ACTIVITY: Using the data below, return all lines in which "project" appears.
***** PROVIDED INFORMATION
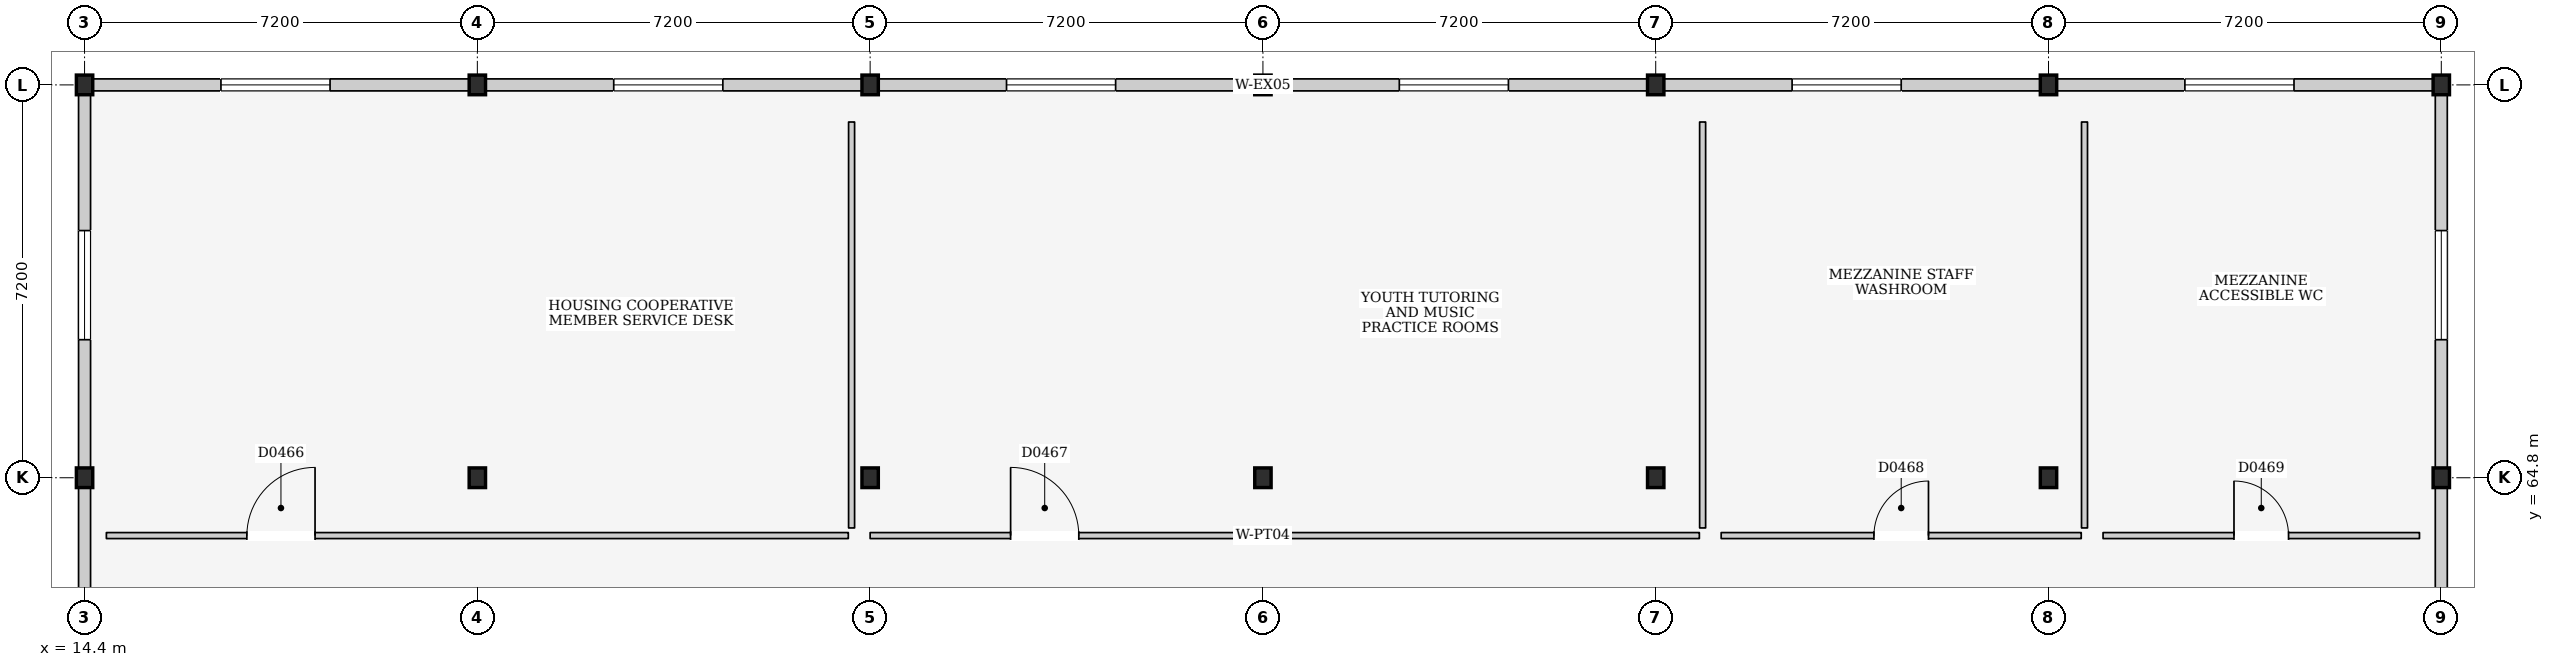
"""IFC4 building model, lengths in metres.
Left out: names, types, materials, properties, quantities, classifications, styles, units other than length and angle.
Written with IfcOpenShell. Run it as: python <this file> out.ifc"""

import sys

from ifc_helpers import new_model, si_unit, direction, frame, frame_2d, origin, origin_2d, place, context, subcontext, project, spatial, rectangle, i_section, extrude, element, fill, save


model = new_model("IFC4")
c1 = context("Model", 3, precision=1e-05, world=origin(), true_north=direction((0.0, 1.0)))
c2 = subcontext(c1, "Body", "Model", "MODEL_VIEW")
j1 = project(units=[si_unit("LENGTHUNIT", "METRE"), si_unit("PLANEANGLEUNIT", "RADIAN")], contexts=[c1])
p1 = place(None, origin())
s1 = spatial("IfcSite", under=j1, at=p1, CompositionType="ELEMENT")
p2 = place(p1, origin())
s2 = spatial("IfcBuilding", under=s1, at=p2, CompositionType="ELEMENT")
p3 = place(p2, frame((0.0, 0.0, 4.5)))
s3 = spatial("IfcBuildingStorey", under=s2, at=p3, CompositionType="ELEMENT", Elevation=4.5)
for number, where, z_axis, x_axis in (
    (1, (14.4, 64.8, 0.0), (0.0, 0.0, 1.0), (1.0, 0.0, 0.0)),
    (2, (14.4, 72.0, 0.0), (0.0, 0.0, 1.0), (1.0, 0.0, 0.0)),
    (3, (21.6, 64.8, 0.0), (0.0, 0.0, 1.0), (1.0, 0.0, 0.0)),
    (4, (21.6, 72.0, 0.0), (0.0, 0.0, 1.0), (1.0, 0.0, 0.0)),
    (5, (28.8, 64.8, 0.0), (0.0, 0.0, 1.0), (1.0, 0.0, 0.0)),
    (6, (28.8, 72.0, 0.0), (0.0, 0.0, 1.0), (1.0, 0.0, 0.0)),
    (7, (36.0, 64.8, 0.0), (0.0, 0.0, 1.0), (1.0, 0.0, 0.0)),
    (8, (36.0, 72.0, 0.0), (0.0, 0.0, 1.0), (1.0, 0.0, 0.0)),
    (9, (43.2, 64.8, 0.0), (0.0, 0.0, 1.0), (1.0, 0.0, 0.0)),
    (10, (43.2, 72.0, 0.0), (0.0, 0.0, 1.0), (1.0, 0.0, 0.0)),
    (11, (50.4, 64.8, 0.0), (0.0, 0.0, 1.0), (1.0, 0.0, 0.0)),
    (12, (50.4, 72.0, 0.0), (0.0, 0.0, 1.0), (1.0, 0.0, 0.0)),
    (13, (57.6, 64.8, 0.0), (0.0, 0.0, 1.0), (1.0, 0.0, 0.0)),
    (14, (57.6, 72.0, 0.0), (0.0, 0.0, 1.0), (1.0, 0.0, 0.0)),
):
    element("IfcColumn", number, at=place(p3, frame(where, z_axis=z_axis, x_axis=x_axis)), inside=s3, PredefinedType="COLUMN", context=c2, shape_type="SweptSolid", body=[
        extrude(i_section(OverallWidth=0.3, OverallDepth=0.36, WebThickness=0.012, FlangeThickness=0.022, at=origin_2d()), origin(), (0.0, 0.0, 1.0), 4.5),
    ])
p4 = place(p3, frame((14.55, 72.0, 0.0), z_axis=(0.0, 0.0, 1.0), x_axis=(1.0, 0.0, 0.0)))
e15 = element("IfcWall", 15, at=p4, inside=s3, PredefinedType="ELEMENTEDWALL", context=c2, shape_type="SweptSolid", body=[
    extrude(rectangle(XDim=6.9, YDim=0.22, at=frame_2d((3.45, 0.0))), origin(), (0.0, 0.0, 1.0), 3.9),
])
p5 = place(p4, frame((2.35, 0.0, 0.95)))
e16 = element("IfcOpeningElement", 16, at=p5, cuts=e15, PredefinedType="OPENING", context=c2, shape_type="SweptSolid", body=[
    extrude(rectangle(XDim=2.0, YDim=1.5, at=frame_2d((1.0, 0.75))), frame((0.0, 0.125, 0.0), z_axis=(0.0, -1.0, 0.0), x_axis=(1.0, 0.0, 0.0)), (0.0, 0.0, 1.0), 0.25),
])
p6 = place(p3, frame((21.75, 72.0, 0.0), z_axis=(0.0, 0.0, 1.0), x_axis=(1.0, 0.0, 0.0)))
e17 = element("IfcWall", 17, at=p6, inside=s3, PredefinedType="ELEMENTEDWALL", context=c2, shape_type="SweptSolid", body=[
    extrude(rectangle(XDim=6.9, YDim=0.22, at=frame_2d((3.45, 0.0))), origin(), (0.0, 0.0, 1.0), 3.9),
])
p7 = place(p6, frame((2.35, 0.0, 0.95)))
e18 = element("IfcOpeningElement", 18, at=p7, cuts=e17, PredefinedType="OPENING", context=c2, shape_type="SweptSolid", body=[
    extrude(rectangle(XDim=2.0, YDim=1.5, at=frame_2d((1.0, 0.75))), frame((0.0, 0.125, 0.0), z_axis=(0.0, -1.0, 0.0), x_axis=(1.0, 0.0, 0.0)), (0.0, 0.0, 1.0), 0.25),
])
p8 = place(p3, frame((28.95, 72.0, 0.0), z_axis=(0.0, 0.0, 1.0), x_axis=(1.0, 0.0, 0.0)))
e19 = element("IfcWall", 19, at=p8, inside=s3, PredefinedType="ELEMENTEDWALL", context=c2, shape_type="SweptSolid", body=[
    extrude(rectangle(XDim=6.9, YDim=0.22, at=frame_2d((3.45, 0.0))), origin(), (0.0, 0.0, 1.0), 3.9),
])
p9 = place(p8, frame((2.35, 0.0, 0.95)))
e20 = element("IfcOpeningElement", 20, at=p9, cuts=e19, PredefinedType="OPENING", context=c2, shape_type="SweptSolid", body=[
    extrude(rectangle(XDim=2.0, YDim=1.5, at=frame_2d((1.0, 0.75))), frame((0.0, 0.125, 0.0), z_axis=(0.0, -1.0, 0.0), x_axis=(1.0, 0.0, 0.0)), (0.0, 0.0, 1.0), 0.25),
])
p10 = place(p3, frame((36.15, 72.0, 0.0), z_axis=(0.0, 0.0, 1.0), x_axis=(1.0, 0.0, 0.0)))
e21 = element("IfcWall", 21, at=p10, inside=s3, PredefinedType="ELEMENTEDWALL", context=c2, shape_type="SweptSolid", body=[
    extrude(rectangle(XDim=6.9, YDim=0.22, at=frame_2d((3.45, 0.0))), origin(), (0.0, 0.0, 1.0), 3.9),
])
p11 = place(p10, frame((2.35, 0.0, 0.95)))
e22 = element("IfcOpeningElement", 22, at=p11, cuts=e21, PredefinedType="OPENING", context=c2, shape_type="SweptSolid", body=[
    extrude(rectangle(XDim=2.0, YDim=1.5, at=frame_2d((1.0, 0.75))), frame((0.0, 0.125, 0.0), z_axis=(0.0, -1.0, 0.0), x_axis=(1.0, 0.0, 0.0)), (0.0, 0.0, 1.0), 0.25),
])
p12 = place(p3, frame((43.35, 72.0, 0.0), z_axis=(0.0, 0.0, 1.0), x_axis=(1.0, 0.0, 0.0)))
e23 = element("IfcWall", 23, at=p12, inside=s3, PredefinedType="ELEMENTEDWALL", context=c2, shape_type="SweptSolid", body=[
    extrude(rectangle(XDim=6.9, YDim=0.22, at=frame_2d((3.45, 0.0))), origin(), (0.0, 0.0, 1.0), 3.9),
])
p13 = place(p12, frame((2.35, 0.0, 0.95)))
e24 = element("IfcOpeningElement", 24, at=p13, cuts=e23, PredefinedType="OPENING", context=c2, shape_type="SweptSolid", body=[
    extrude(rectangle(XDim=2.0, YDim=1.5, at=frame_2d((1.0, 0.75))), frame((0.0, 0.125, 0.0), z_axis=(0.0, -1.0, 0.0), x_axis=(1.0, 0.0, 0.0)), (0.0, 0.0, 1.0), 0.25),
])
p14 = place(p3, frame((50.55, 72.0, 0.0), z_axis=(0.0, 0.0, 1.0), x_axis=(1.0, 0.0, 0.0)))
e25 = element("IfcWall", 25, at=p14, inside=s3, PredefinedType="ELEMENTEDWALL", context=c2, shape_type="SweptSolid", body=[
    extrude(rectangle(XDim=6.9, YDim=0.22, at=frame_2d((3.45, 0.0))), origin(), (0.0, 0.0, 1.0), 3.9),
])
p15 = place(p14, frame((2.35, 0.0, 0.95)))
e26 = element("IfcOpeningElement", 26, at=p15, cuts=e25, PredefinedType="OPENING", context=c2, shape_type="SweptSolid", body=[
    extrude(rectangle(XDim=2.0, YDim=1.5, at=frame_2d((1.0, 0.75))), frame((0.0, 0.125, 0.0), z_axis=(0.0, -1.0, 0.0), x_axis=(1.0, 0.0, 0.0)), (0.0, 0.0, 1.0), 0.25),
])
p16 = place(p3, frame((14.4, 57.78, 0.0), z_axis=(0.0, 0.0, 1.0), x_axis=(0.0, 1.0, 0.0)))
e27 = element("IfcWall", 27, at=p16, inside=s3, PredefinedType="ELEMENTEDWALL", context=c2, shape_type="SweptSolid", body=[
    extrude(rectangle(XDim=6.84, YDim=0.22, at=frame_2d((3.42, 0.0))), origin(), (0.0, 0.0, 1.0), 3.9),
])
p17 = place(p16, frame((2.35, 0.0, 0.95)))
e28 = element("IfcOpeningElement", 28, at=p17, cuts=e27, PredefinedType="OPENING", context=c2, shape_type="SweptSolid", body=[
    extrude(rectangle(XDim=2.0, YDim=1.5, at=frame_2d((1.0, 0.75))), frame((0.0, 0.125, 0.0), z_axis=(0.0, -1.0, 0.0), x_axis=(1.0, 0.0, 0.0)), (0.0, 0.0, 1.0), 0.25),
])
p18 = place(p3, frame((57.6, 57.78, 0.0), z_axis=(0.0, 0.0, 1.0), x_axis=(0.0, 1.0, 0.0)))
e29 = element("IfcWall", 29, at=p18, inside=s3, PredefinedType="ELEMENTEDWALL", context=c2, shape_type="SweptSolid", body=[
    extrude(rectangle(XDim=6.84, YDim=0.22, at=frame_2d((3.42, 0.0))), origin(), (0.0, 0.0, 1.0), 3.9),
])
p19 = place(p18, frame((2.35, 0.0, 0.95)))
e30 = element("IfcOpeningElement", 30, at=p19, cuts=e29, PredefinedType="OPENING", context=c2, shape_type="SweptSolid", body=[
    extrude(rectangle(XDim=2.0, YDim=1.5, at=frame_2d((1.0, 0.75))), frame((0.0, 0.125, 0.0), z_axis=(0.0, -1.0, 0.0), x_axis=(1.0, 0.0, 0.0)), (0.0, 0.0, 1.0), 0.25),
])
p20 = place(p3, frame((14.4, 64.98, 0.0), z_axis=(0.0, 0.0, 1.0), x_axis=(0.0, 1.0, 0.0)))
e31 = element("IfcWall", 31, at=p20, inside=s3, PredefinedType="ELEMENTEDWALL", context=c2, shape_type="SweptSolid", body=[
    extrude(rectangle(XDim=6.84, YDim=0.22, at=frame_2d((3.42, 0.0))), origin(), (0.0, 0.0, 1.0), 3.9),
])
p21 = place(p20, frame((2.35, 0.0, 0.95)))
e32 = element("IfcOpeningElement", 32, at=p21, cuts=e31, PredefinedType="OPENING", context=c2, shape_type="SweptSolid", body=[
    extrude(rectangle(XDim=2.0, YDim=1.5, at=frame_2d((1.0, 0.75))), frame((0.0, 0.125, 0.0), z_axis=(0.0, -1.0, 0.0), x_axis=(1.0, 0.0, 0.0)), (0.0, 0.0, 1.0), 0.25),
])
p22 = place(p3, frame((57.6, 64.98, 0.0), z_axis=(0.0, 0.0, 1.0), x_axis=(0.0, 1.0, 0.0)))
e33 = element("IfcWall", 33, at=p22, inside=s3, PredefinedType="ELEMENTEDWALL", context=c2, shape_type="SweptSolid", body=[
    extrude(rectangle(XDim=6.84, YDim=0.22, at=frame_2d((3.42, 0.0))), origin(), (0.0, 0.0, 1.0), 3.9),
])
p23 = place(p22, frame((2.35, 0.0, 0.95)))
e34 = element("IfcOpeningElement", 34, at=p23, cuts=e33, PredefinedType="OPENING", context=c2, shape_type="SweptSolid", body=[
    extrude(rectangle(XDim=2.0, YDim=1.5, at=frame_2d((1.0, 0.75))), frame((0.0, 0.125, 0.0), z_axis=(0.0, -1.0, 0.0), x_axis=(1.0, 0.0, 0.0)), (0.0, 0.0, 1.0), 0.25),
])
p24 = place(p3, frame((14.8, 63.74, 0.0), z_axis=(0.0, 0.0, 1.0), x_axis=(1.0, 0.0, 0.0)))
e35 = element("IfcWall", 35, at=p24, inside=s3, PredefinedType="PARTITIONING", context=c2, shape_type="SweptSolid", body=[
    extrude(rectangle(XDim=13.6, YDim=0.11, at=frame_2d((6.8, 0.0))), origin(), (0.0, 0.0, 1.0), 4.25),
])
p25 = place(p24, frame((2.575, 0.0, 0.0)))
e36 = element("IfcOpeningElement", 36, at=p25, cuts=e35, PredefinedType="OPENING", context=c2, shape_type="SweptSolid", body=[
    extrude(rectangle(XDim=1.25, YDim=2.25, at=frame_2d((0.625, 1.125))), frame((0.0, 0.07, 0.0), z_axis=(0.0, -1.0, 0.0), x_axis=(1.0, 0.0, 0.0)), (0.0, 0.0, 1.0), 0.14),
])
p26 = place(p3, frame((28.46, 63.88, 0.0), z_axis=(0.0, 0.0, 1.0), x_axis=(0.0, 1.0, 0.0)))
e37 = element("IfcWall", 37, at=p26, inside=s3, PredefinedType="PARTITIONING", context=c2, shape_type="SweptSolid", body=[
    extrude(rectangle(XDim=7.44, YDim=0.11, at=frame_2d((3.72, 0.0))), origin(), (0.0, 0.0, 1.0), 4.25),
])
p27 = place(p3, frame((28.8, 63.74, 0.0), z_axis=(0.0, 0.0, 1.0), x_axis=(1.0, 0.0, 0.0)))
e38 = element("IfcWall", 38, at=p27, inside=s3, PredefinedType="PARTITIONING", context=c2, shape_type="SweptSolid", body=[
    extrude(rectangle(XDim=15.2, YDim=0.11, at=frame_2d((7.6, 0.0))), origin(), (0.0, 0.0, 1.0), 4.25),
])
p28 = place(p27, frame((2.575, 0.0, 0.0)))
e39 = element("IfcOpeningElement", 39, at=p28, cuts=e38, PredefinedType="OPENING", context=c2, shape_type="SweptSolid", body=[
    extrude(rectangle(XDim=1.25, YDim=2.25, at=frame_2d((0.625, 1.125))), frame((0.0, 0.07, 0.0), z_axis=(0.0, -1.0, 0.0), x_axis=(1.0, 0.0, 0.0)), (0.0, 0.0, 1.0), 0.14),
])
p29 = place(p3, frame((44.06, 63.88, 0.0), z_axis=(0.0, 0.0, 1.0), x_axis=(0.0, 1.0, 0.0)))
e40 = element("IfcWall", 40, at=p29, inside=s3, PredefinedType="PARTITIONING", context=c2, shape_type="SweptSolid", body=[
    extrude(rectangle(XDim=7.44, YDim=0.11, at=frame_2d((3.72, 0.0))), origin(), (0.0, 0.0, 1.0), 4.25),
])
p30 = place(p3, frame((44.4, 63.74, 0.0), z_axis=(0.0, 0.0, 1.0), x_axis=(1.0, 0.0, 0.0)))
e41 = element("IfcWall", 41, at=p30, inside=s3, PredefinedType="PARTITIONING", context=c2, shape_type="SweptSolid", body=[
    extrude(rectangle(XDim=6.6, YDim=0.11, at=frame_2d((3.3, 0.0))), origin(), (0.0, 0.0, 1.0), 4.25),
])
p31 = place(p30, frame((2.8, 0.0, 0.0)))
e42 = element("IfcOpeningElement", 42, at=p31, cuts=e41, PredefinedType="OPENING", context=c2, shape_type="SweptSolid", body=[
    extrude(rectangle(XDim=1.0, YDim=2.1, at=frame_2d((0.5, 1.05))), frame((0.0, 0.07, 0.0), z_axis=(0.0, -1.0, 0.0), x_axis=(1.0, 0.0, 0.0)), (0.0, 0.0, 1.0), 0.14),
])
p32 = place(p3, frame((51.06, 63.88, 0.0), z_axis=(0.0, 0.0, 1.0), x_axis=(0.0, 1.0, 0.0)))
e43 = element("IfcWall", 43, at=p32, inside=s3, PredefinedType="PARTITIONING", context=c2, shape_type="SweptSolid", body=[
    extrude(rectangle(XDim=7.44, YDim=0.11, at=frame_2d((3.72, 0.0))), origin(), (0.0, 0.0, 1.0), 4.25),
])
p33 = place(p3, frame((51.4, 63.74, 0.0), z_axis=(0.0, 0.0, 1.0), x_axis=(1.0, 0.0, 0.0)))
e44 = element("IfcWall", 44, at=p33, inside=s3, PredefinedType="PARTITIONING", context=c2, shape_type="SweptSolid", body=[
    extrude(rectangle(XDim=5.8, YDim=0.11, at=frame_2d((2.9, 0.0))), origin(), (0.0, 0.0, 1.0), 4.25),
])
p34 = place(p33, frame((2.4, 0.0, 0.0)))
e45 = element("IfcOpeningElement", 45, at=p34, cuts=e44, PredefinedType="OPENING", context=c2, shape_type="SweptSolid", body=[
    extrude(rectangle(XDim=1.0, YDim=2.1, at=frame_2d((0.5, 1.05))), frame((0.0, 0.07, 0.0), z_axis=(0.0, -1.0, 0.0), x_axis=(1.0, 0.0, 0.0)), (0.0, 0.0, 1.0), 0.14),
])
p35 = place(p5, origin())
e46 = element("IfcWindow", 46, at=p35, inside=s3, PartitioningType="DOUBLE_PANEL_VERTICAL", PredefinedType="WINDOW", context=c2, shape_type="SweptSolid", body=[
    extrude(rectangle(XDim=2.0, YDim=1.5, at=frame_2d((1.0, 0.75))), frame((0.0, 0.03, 0.0), z_axis=(0.0, -1.0, 0.0), x_axis=(1.0, 0.0, 0.0)), (0.0, 0.0, 1.0), 0.06),
])
fill(e16, e46)
p36 = place(p7, origin())
e47 = element("IfcWindow", 47, at=p36, inside=s3, PartitioningType="DOUBLE_PANEL_VERTICAL", PredefinedType="WINDOW", context=c2, shape_type="SweptSolid", body=[
    extrude(rectangle(XDim=2.0, YDim=1.5, at=frame_2d((1.0, 0.75))), frame((0.0, 0.03, 0.0), z_axis=(0.0, -1.0, 0.0), x_axis=(1.0, 0.0, 0.0)), (0.0, 0.0, 1.0), 0.06),
])
fill(e18, e47)
p37 = place(p9, origin())
e48 = element("IfcWindow", 48, at=p37, inside=s3, PartitioningType="DOUBLE_PANEL_VERTICAL", PredefinedType="WINDOW", context=c2, shape_type="SweptSolid", body=[
    extrude(rectangle(XDim=2.0, YDim=1.5, at=frame_2d((1.0, 0.75))), frame((0.0, 0.03, 0.0), z_axis=(0.0, -1.0, 0.0), x_axis=(1.0, 0.0, 0.0)), (0.0, 0.0, 1.0), 0.06),
])
fill(e20, e48)
p38 = place(p11, origin())
e49 = element("IfcWindow", 49, at=p38, inside=s3, PartitioningType="DOUBLE_PANEL_VERTICAL", PredefinedType="WINDOW", context=c2, shape_type="SweptSolid", body=[
    extrude(rectangle(XDim=2.0, YDim=1.5, at=frame_2d((1.0, 0.75))), frame((0.0, 0.03, 0.0), z_axis=(0.0, -1.0, 0.0), x_axis=(1.0, 0.0, 0.0)), (0.0, 0.0, 1.0), 0.06),
])
fill(e22, e49)
p39 = place(p13, origin())
e50 = element("IfcWindow", 50, at=p39, inside=s3, PartitioningType="DOUBLE_PANEL_VERTICAL", PredefinedType="WINDOW", context=c2, shape_type="SweptSolid", body=[
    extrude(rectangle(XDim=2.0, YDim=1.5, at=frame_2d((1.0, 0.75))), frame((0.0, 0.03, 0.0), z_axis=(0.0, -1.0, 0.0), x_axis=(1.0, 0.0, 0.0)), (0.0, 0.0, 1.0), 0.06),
**********
ANSWER FOR THE TASK:
from ifc_helpers import new_model, si_unit, direction, frame, frame_2d, origin, origin_2d, place, context, subcontext, project, spatial, rectangle, i_section, extrude, element, fill, save
j1 = project(units=[si_unit("LENGTHUNIT", "METRE"), si_unit("PLANEANGLEUNIT", "RADIAN")], contexts=[c1])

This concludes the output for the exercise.